▸ Material provided:
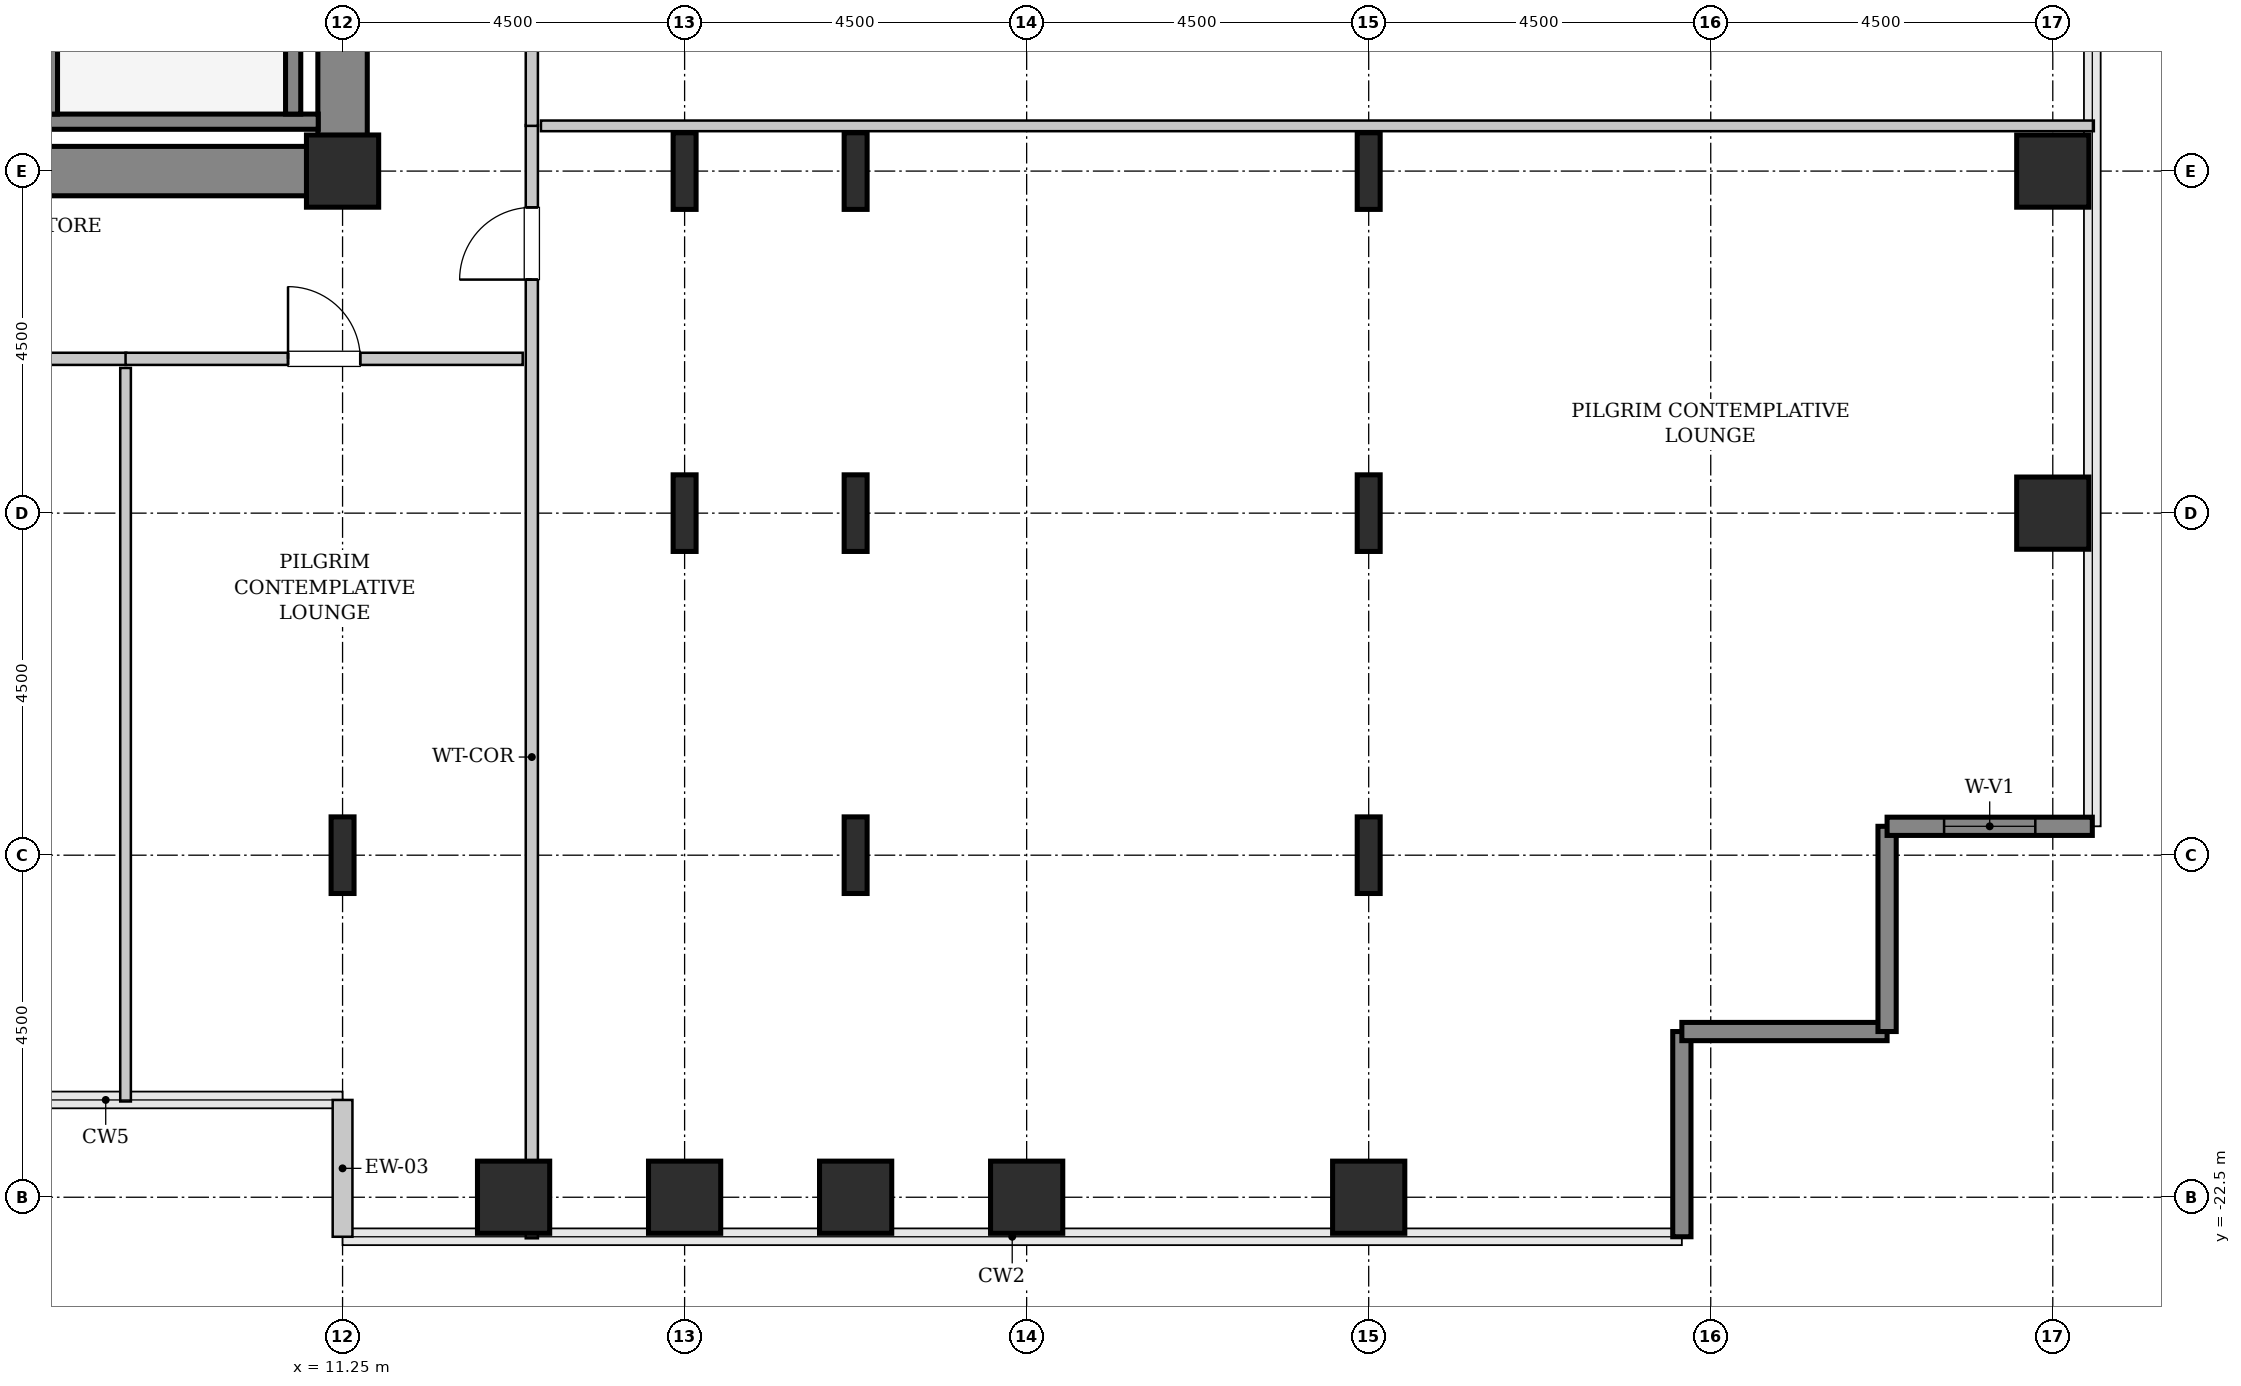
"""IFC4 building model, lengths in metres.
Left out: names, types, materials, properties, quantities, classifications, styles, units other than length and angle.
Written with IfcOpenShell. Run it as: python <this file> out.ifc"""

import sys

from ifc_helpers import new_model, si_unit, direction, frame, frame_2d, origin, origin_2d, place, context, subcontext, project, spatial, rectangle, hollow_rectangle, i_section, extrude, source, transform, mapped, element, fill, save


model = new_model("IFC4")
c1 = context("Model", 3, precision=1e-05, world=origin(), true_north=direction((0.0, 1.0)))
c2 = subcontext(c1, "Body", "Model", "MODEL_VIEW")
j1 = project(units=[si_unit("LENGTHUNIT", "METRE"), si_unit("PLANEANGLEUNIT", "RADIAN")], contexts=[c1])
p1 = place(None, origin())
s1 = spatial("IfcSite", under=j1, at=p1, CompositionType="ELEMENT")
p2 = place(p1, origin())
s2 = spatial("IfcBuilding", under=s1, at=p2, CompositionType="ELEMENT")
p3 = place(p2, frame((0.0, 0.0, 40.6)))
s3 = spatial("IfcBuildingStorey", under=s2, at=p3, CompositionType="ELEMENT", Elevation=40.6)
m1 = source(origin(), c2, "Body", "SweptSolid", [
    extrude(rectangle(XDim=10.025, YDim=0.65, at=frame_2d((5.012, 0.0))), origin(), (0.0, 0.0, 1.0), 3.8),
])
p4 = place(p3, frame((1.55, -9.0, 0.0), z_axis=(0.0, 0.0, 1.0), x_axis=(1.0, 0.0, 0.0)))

▸ To do: Only the lines that hold the word "extrude" are wanted; each should be pulled from the records.

▸ Task result:
from ifc_helpers import new_model, si_unit, direction, frame, frame_2d, origin, origin_2d, place, context, subcontext, project, spatial, rectangle, hollow_rectangle, i_section, extrude, source, transform, mapped, element, fill, save
    extrude(rectangle(XDim=10.025, YDim=0.65, at=frame_2d((5.012, 0.0))), origin(), (0.0, 0.0, 1.0), 3.8),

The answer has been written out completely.